### DATASET RECORDS

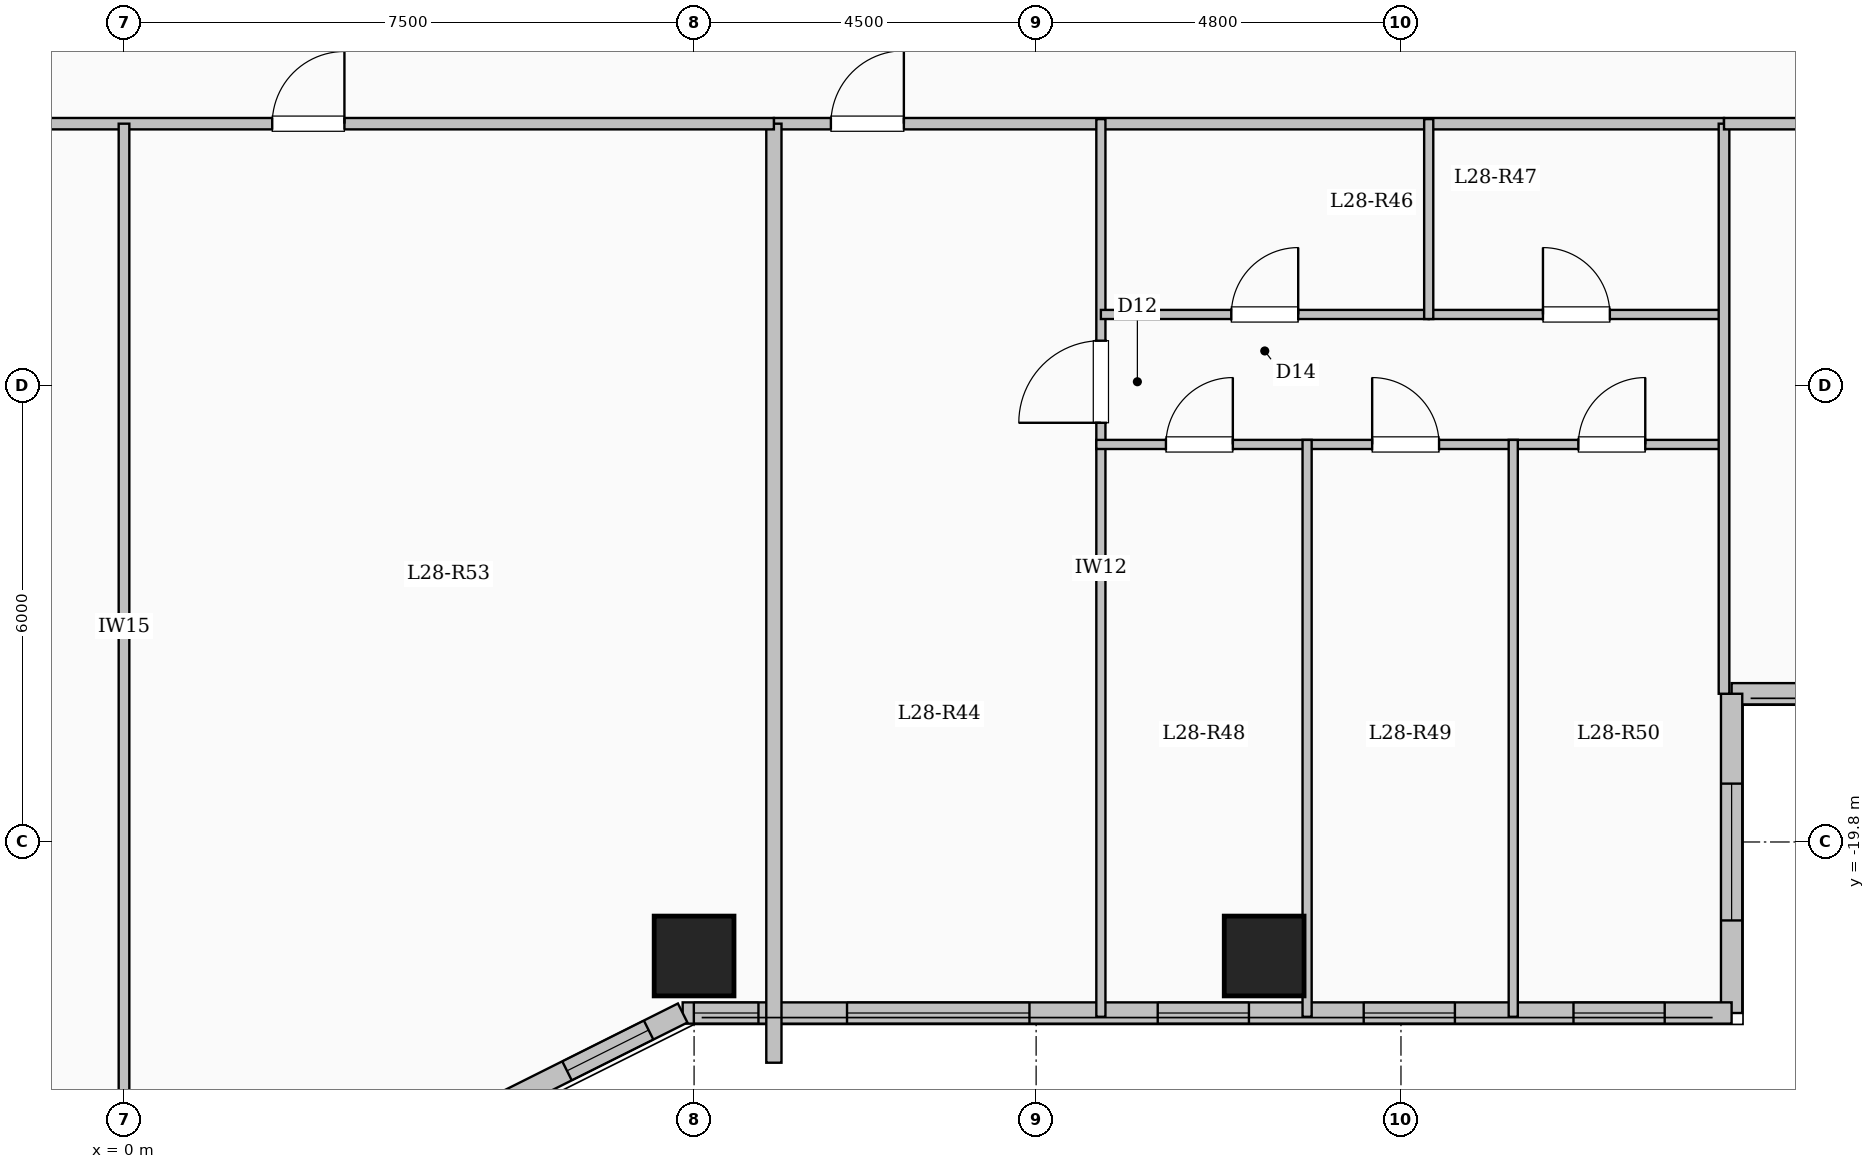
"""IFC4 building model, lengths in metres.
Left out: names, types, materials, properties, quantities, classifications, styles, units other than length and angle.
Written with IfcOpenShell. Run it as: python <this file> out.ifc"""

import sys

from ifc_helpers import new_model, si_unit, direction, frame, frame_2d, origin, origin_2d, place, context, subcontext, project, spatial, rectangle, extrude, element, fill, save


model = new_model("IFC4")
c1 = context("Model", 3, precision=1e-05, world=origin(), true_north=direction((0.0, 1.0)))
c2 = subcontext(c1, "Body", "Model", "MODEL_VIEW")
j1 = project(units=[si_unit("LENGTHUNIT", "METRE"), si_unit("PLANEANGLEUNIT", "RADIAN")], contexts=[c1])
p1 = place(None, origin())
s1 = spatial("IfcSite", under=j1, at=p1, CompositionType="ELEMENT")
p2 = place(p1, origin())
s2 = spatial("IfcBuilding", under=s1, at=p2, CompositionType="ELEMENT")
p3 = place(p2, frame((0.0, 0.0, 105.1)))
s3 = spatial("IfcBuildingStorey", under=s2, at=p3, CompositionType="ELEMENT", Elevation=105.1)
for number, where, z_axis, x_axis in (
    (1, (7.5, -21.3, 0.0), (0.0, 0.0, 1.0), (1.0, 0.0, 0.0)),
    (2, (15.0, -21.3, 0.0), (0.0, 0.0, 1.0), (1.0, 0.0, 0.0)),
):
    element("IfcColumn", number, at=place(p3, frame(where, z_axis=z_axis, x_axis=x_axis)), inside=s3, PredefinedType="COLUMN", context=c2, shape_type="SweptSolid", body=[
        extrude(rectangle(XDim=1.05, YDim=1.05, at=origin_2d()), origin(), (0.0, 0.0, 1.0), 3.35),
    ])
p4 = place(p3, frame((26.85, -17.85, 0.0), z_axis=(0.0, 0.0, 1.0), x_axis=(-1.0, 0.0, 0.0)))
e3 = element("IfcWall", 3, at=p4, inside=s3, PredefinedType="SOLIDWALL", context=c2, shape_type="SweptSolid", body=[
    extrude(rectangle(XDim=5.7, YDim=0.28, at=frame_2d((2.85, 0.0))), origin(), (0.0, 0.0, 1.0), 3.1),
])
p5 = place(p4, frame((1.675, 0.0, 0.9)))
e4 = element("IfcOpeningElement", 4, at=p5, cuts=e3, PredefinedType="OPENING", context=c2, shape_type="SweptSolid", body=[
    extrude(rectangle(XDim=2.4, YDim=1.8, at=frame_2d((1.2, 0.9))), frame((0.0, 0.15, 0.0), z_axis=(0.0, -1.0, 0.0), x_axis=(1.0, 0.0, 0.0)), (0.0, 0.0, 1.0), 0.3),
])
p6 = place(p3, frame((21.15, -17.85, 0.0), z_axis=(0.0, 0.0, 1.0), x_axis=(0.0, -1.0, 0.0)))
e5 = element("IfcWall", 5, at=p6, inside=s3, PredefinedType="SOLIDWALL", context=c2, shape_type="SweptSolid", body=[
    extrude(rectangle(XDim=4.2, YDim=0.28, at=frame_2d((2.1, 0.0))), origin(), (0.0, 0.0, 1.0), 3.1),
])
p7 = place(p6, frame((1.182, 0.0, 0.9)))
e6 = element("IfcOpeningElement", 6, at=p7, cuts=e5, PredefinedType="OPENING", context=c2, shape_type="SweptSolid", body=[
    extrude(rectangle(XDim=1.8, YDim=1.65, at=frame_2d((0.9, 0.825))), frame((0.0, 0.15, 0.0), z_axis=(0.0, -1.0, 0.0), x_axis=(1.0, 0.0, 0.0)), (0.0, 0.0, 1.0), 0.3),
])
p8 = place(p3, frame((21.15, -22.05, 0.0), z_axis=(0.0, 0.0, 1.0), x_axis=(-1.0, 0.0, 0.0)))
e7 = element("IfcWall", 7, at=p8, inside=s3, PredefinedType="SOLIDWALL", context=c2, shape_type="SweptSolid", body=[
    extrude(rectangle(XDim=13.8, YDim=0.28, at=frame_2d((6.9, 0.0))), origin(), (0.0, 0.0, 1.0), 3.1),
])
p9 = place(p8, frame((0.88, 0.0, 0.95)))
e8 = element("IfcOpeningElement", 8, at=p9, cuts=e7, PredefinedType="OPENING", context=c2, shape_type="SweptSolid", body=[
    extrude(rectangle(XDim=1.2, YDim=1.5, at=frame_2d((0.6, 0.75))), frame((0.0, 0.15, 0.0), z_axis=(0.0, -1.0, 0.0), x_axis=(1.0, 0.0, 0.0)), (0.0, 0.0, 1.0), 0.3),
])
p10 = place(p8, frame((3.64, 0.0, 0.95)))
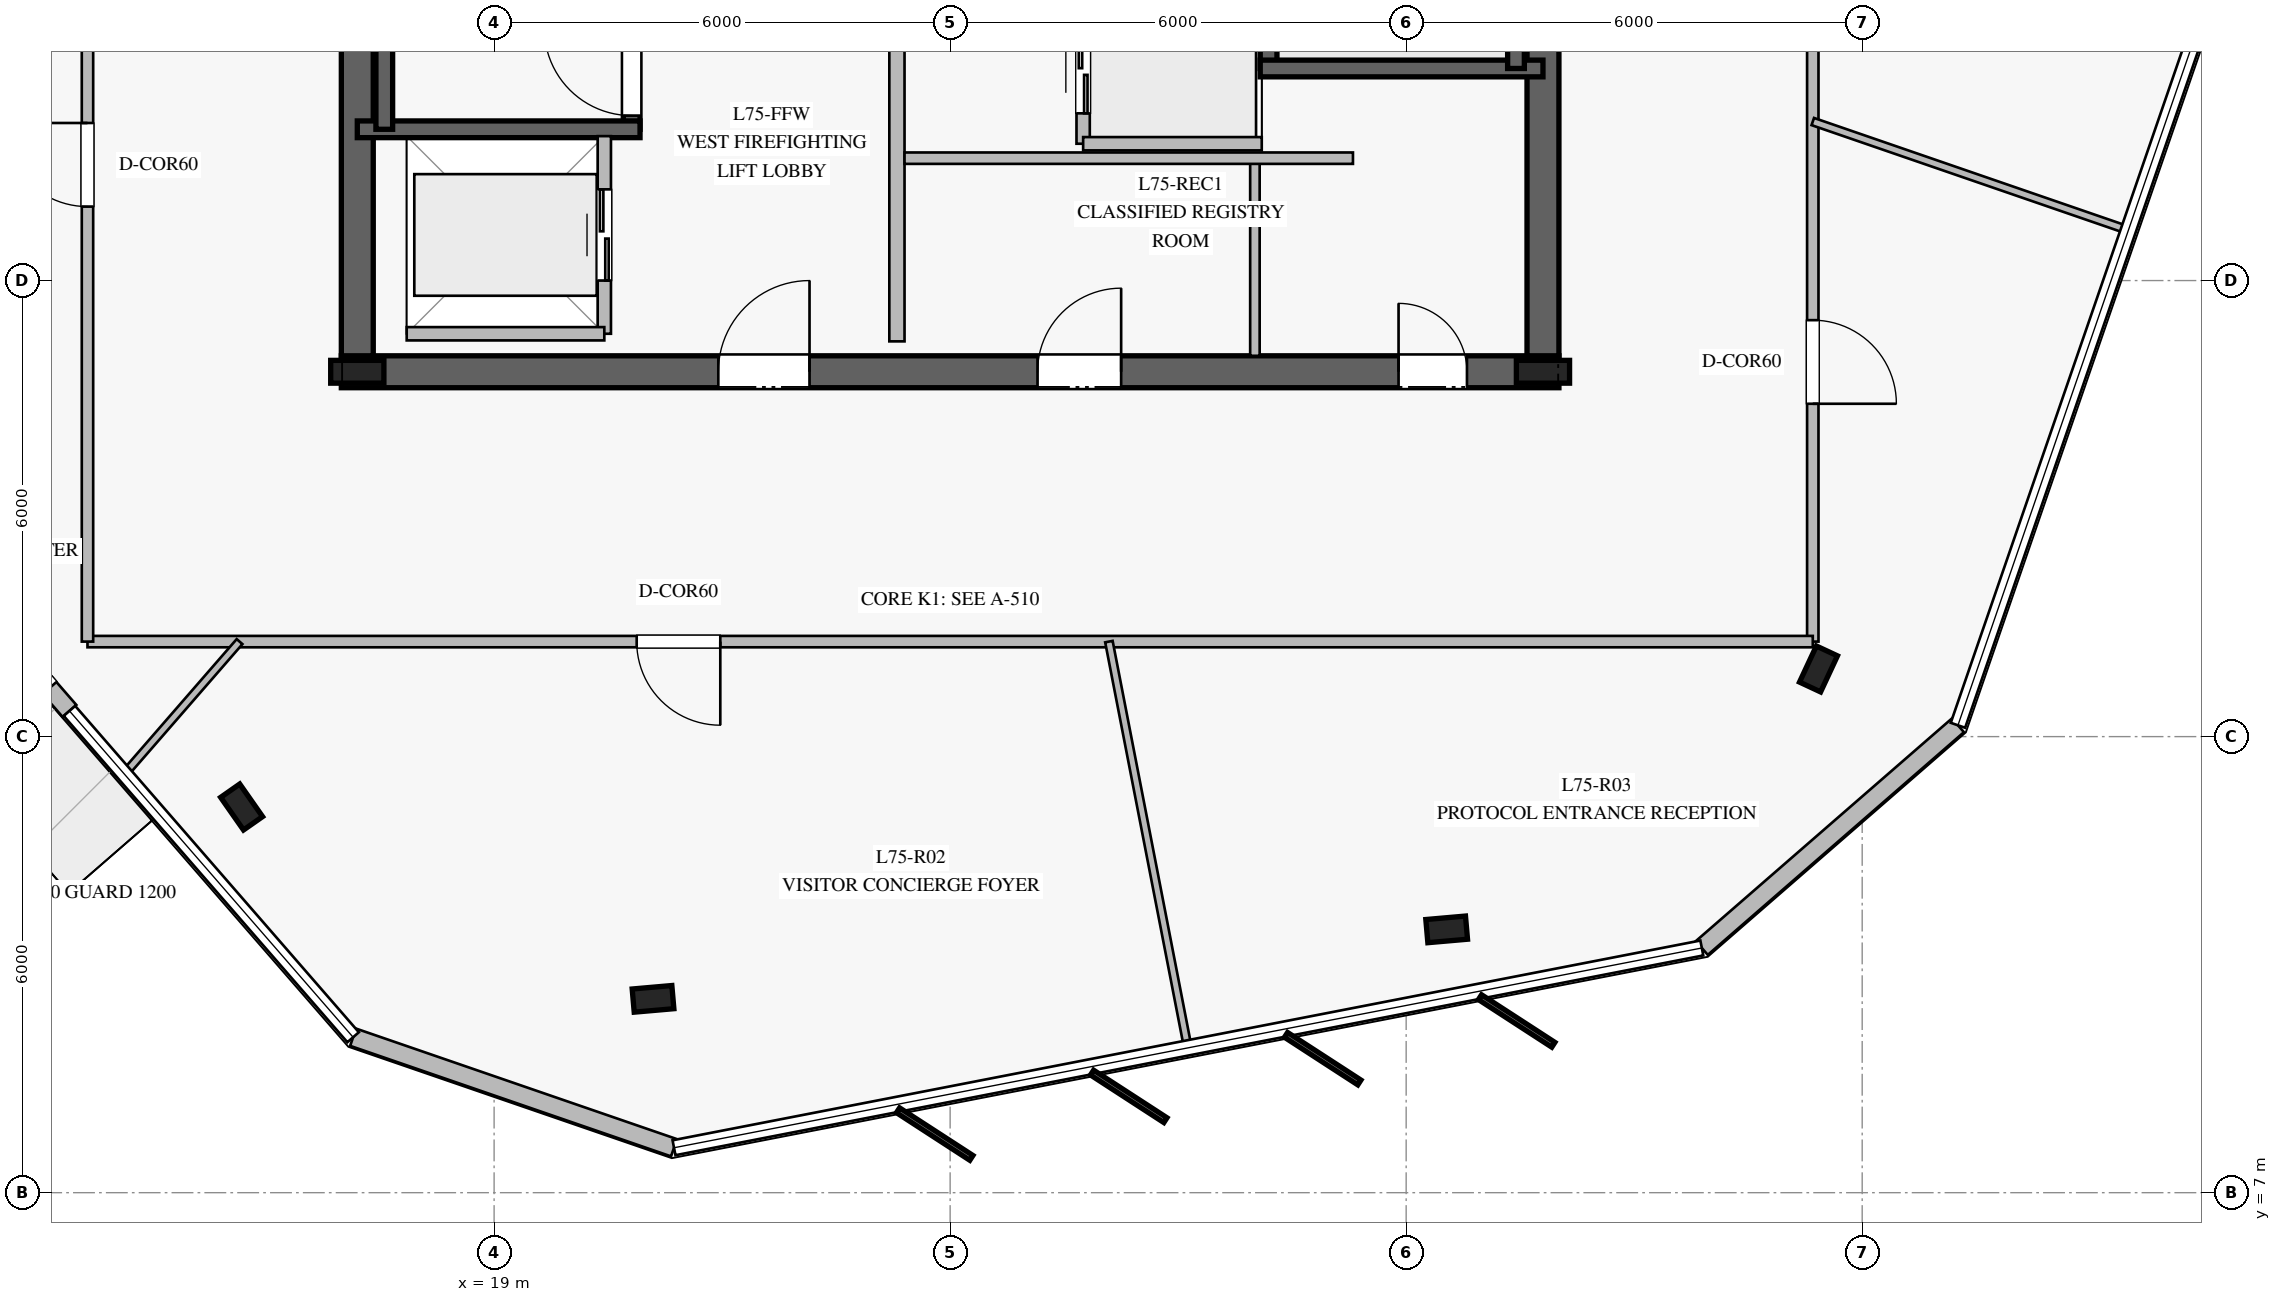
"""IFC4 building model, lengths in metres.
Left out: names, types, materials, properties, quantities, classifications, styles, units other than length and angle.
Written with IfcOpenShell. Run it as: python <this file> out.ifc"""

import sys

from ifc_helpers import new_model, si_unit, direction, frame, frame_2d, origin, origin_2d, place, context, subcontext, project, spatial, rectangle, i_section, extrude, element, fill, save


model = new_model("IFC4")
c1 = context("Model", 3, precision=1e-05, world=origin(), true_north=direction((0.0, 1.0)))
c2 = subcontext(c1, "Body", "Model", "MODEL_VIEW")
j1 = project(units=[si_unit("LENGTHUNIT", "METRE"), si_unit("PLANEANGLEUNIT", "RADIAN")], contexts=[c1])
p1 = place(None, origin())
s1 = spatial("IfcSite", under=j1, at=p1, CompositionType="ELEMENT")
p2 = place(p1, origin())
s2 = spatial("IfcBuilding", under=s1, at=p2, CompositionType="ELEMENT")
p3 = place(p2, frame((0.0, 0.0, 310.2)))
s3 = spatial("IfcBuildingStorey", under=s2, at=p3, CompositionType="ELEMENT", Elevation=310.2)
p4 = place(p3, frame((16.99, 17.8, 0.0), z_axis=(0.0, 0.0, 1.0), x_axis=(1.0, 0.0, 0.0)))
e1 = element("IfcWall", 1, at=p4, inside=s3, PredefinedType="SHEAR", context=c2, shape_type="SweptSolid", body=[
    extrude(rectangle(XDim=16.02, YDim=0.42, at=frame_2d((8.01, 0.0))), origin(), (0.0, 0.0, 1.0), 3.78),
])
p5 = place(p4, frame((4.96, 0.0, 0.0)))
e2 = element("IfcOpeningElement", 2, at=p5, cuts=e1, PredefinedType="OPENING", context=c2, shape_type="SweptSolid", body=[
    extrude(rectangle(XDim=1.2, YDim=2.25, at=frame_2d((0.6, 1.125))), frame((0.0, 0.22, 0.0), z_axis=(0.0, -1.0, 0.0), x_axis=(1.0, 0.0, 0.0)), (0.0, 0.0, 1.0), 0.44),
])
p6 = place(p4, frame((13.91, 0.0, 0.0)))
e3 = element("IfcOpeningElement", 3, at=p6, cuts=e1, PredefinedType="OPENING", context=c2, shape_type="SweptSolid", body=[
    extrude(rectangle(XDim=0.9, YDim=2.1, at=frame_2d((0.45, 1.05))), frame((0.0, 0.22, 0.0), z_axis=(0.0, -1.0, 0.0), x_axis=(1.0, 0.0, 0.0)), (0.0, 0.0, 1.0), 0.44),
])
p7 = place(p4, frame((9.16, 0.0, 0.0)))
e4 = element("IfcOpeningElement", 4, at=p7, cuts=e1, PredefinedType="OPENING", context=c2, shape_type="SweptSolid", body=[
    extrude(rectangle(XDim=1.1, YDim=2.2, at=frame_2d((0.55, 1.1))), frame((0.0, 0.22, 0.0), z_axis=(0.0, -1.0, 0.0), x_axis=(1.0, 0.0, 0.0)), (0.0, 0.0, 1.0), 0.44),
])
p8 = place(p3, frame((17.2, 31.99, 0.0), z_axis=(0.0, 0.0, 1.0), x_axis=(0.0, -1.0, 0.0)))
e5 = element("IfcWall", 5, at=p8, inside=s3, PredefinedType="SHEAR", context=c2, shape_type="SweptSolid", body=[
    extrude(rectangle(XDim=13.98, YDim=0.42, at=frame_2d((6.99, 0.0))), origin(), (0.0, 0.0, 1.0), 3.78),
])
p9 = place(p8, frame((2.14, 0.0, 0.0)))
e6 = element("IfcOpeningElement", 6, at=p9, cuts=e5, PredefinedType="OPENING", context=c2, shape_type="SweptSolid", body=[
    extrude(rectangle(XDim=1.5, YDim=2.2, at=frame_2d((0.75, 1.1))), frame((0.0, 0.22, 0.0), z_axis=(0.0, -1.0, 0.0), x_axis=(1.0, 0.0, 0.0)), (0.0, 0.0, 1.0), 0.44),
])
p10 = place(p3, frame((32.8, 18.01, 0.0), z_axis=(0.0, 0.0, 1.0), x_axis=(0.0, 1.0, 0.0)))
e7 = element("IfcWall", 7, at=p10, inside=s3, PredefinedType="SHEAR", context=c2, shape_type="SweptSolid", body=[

### ACTION ITEM
Both the first line of the records above and the line containing "rectangle, extrude, element, fill, save" belong in the copy; please return them and every line between, exactly, minus the pictures.

### EXPECTED ANSWER
"""IFC4 building model, lengths in metres.
Left out: names, types, materials, properties, quantities, classifications, styles, units other than length and angle.
Written with IfcOpenShell. Run it as: python <this file> out.ifc"""

import sys

from ifc_helpers import new_model, si_unit, direction, frame, frame_2d, origin, origin_2d, place, context, subcontext, project, spatial, rectangle, extrude, element, fill, save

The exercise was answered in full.